- [WHAT IS EXPECTED] Only the number is wanted: how many lines below include "units"?

Records excerpted from a collection:
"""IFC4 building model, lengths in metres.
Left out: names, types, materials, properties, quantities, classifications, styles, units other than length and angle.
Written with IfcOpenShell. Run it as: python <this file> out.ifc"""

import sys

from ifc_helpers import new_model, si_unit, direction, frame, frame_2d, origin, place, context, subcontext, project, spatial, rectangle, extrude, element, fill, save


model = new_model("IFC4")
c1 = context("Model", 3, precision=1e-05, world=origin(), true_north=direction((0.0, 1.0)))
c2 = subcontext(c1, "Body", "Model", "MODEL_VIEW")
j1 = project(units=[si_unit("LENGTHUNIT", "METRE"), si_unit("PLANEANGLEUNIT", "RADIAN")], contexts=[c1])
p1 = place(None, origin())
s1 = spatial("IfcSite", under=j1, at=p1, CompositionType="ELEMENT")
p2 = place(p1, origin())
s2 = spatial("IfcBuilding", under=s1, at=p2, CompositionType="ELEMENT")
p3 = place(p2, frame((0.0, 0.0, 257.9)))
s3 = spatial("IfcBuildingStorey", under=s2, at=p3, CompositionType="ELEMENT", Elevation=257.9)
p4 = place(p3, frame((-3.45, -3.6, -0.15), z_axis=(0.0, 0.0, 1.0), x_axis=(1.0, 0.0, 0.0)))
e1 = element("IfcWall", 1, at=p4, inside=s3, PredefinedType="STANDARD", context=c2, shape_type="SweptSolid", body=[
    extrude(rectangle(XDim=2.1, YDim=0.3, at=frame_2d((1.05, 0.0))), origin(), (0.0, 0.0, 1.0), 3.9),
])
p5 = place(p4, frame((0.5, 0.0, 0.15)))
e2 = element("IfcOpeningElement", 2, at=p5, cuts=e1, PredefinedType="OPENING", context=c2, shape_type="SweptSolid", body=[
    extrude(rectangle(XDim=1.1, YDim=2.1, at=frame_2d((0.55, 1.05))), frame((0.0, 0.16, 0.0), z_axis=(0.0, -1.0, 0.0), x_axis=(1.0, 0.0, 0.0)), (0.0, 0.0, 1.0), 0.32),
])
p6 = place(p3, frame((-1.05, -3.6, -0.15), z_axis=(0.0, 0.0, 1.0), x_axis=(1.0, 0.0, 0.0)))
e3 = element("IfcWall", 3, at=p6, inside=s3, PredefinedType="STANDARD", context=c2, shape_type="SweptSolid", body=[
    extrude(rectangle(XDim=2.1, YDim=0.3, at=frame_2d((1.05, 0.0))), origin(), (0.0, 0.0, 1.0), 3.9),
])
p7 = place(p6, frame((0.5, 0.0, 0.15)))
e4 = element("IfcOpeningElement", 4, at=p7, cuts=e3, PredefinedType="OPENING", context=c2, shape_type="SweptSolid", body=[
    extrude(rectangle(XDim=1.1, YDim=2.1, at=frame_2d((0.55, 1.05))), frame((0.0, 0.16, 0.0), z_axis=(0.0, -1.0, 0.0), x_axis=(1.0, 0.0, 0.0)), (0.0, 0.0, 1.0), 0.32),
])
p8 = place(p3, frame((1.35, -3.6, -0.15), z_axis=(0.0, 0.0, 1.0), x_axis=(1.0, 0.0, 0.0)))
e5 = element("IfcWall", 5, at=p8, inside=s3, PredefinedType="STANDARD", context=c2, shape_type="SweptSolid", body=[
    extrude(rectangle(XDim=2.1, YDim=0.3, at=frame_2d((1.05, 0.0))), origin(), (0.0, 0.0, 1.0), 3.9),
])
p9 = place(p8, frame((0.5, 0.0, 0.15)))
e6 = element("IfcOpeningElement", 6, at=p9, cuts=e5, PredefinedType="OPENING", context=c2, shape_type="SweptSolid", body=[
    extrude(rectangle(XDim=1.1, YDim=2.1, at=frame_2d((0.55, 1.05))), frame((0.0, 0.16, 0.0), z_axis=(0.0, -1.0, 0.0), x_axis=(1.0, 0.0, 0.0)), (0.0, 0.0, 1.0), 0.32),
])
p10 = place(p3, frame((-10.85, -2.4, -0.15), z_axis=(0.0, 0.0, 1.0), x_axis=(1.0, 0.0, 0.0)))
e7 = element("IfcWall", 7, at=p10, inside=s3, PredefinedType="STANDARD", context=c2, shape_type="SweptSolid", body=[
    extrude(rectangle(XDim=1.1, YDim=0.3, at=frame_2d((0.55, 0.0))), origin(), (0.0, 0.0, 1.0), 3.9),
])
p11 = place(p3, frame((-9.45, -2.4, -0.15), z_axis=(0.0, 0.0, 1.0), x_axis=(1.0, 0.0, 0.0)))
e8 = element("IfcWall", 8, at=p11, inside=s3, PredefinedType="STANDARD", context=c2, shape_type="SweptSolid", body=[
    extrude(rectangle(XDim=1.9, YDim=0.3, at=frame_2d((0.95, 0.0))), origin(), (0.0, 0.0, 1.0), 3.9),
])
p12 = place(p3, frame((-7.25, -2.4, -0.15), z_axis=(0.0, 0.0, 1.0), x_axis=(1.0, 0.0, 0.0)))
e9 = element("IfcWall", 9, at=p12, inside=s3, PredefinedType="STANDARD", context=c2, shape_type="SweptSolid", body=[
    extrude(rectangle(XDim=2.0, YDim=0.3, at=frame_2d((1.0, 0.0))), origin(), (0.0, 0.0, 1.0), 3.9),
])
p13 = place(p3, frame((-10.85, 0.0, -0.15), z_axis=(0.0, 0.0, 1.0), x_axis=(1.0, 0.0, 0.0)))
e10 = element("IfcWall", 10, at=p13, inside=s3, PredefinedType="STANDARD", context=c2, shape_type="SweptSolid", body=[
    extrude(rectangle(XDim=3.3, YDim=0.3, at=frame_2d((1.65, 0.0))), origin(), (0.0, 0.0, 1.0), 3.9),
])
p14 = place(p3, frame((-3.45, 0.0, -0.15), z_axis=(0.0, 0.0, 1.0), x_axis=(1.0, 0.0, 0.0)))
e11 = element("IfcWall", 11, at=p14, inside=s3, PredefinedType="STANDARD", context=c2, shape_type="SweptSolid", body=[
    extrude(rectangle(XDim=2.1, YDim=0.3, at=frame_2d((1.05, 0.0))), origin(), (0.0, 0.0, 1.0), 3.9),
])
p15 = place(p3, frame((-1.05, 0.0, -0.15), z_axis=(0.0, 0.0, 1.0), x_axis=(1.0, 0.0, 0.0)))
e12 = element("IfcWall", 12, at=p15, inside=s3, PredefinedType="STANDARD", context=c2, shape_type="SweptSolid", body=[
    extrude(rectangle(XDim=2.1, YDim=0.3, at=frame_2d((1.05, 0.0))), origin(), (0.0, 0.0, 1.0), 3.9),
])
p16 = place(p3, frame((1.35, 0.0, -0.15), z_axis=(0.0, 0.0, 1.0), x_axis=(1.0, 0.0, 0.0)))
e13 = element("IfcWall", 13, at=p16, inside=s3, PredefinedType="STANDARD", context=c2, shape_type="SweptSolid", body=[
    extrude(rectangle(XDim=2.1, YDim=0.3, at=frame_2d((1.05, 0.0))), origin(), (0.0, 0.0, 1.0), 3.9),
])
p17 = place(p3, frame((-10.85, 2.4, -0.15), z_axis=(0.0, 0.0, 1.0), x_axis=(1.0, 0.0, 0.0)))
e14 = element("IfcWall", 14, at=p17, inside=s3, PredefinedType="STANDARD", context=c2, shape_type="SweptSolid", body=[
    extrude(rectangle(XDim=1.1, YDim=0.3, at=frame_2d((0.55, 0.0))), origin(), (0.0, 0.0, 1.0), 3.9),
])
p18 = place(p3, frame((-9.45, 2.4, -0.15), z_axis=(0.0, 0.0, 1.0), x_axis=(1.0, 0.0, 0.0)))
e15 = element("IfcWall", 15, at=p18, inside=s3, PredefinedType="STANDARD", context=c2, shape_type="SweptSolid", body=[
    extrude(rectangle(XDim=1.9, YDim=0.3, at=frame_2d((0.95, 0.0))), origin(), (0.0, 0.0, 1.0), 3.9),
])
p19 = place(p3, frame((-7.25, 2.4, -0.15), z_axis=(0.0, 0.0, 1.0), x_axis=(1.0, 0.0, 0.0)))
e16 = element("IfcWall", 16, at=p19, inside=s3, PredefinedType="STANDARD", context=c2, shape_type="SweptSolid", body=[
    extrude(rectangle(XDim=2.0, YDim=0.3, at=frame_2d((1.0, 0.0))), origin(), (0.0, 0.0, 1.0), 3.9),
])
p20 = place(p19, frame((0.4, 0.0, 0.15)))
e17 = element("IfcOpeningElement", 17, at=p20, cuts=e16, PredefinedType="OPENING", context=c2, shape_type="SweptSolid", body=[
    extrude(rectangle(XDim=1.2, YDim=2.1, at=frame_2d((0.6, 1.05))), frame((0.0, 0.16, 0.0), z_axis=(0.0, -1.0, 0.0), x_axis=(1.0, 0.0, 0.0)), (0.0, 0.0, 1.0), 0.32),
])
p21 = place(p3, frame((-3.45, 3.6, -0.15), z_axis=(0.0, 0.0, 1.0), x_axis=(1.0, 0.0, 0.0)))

- [THE COMPLETED TASK] 2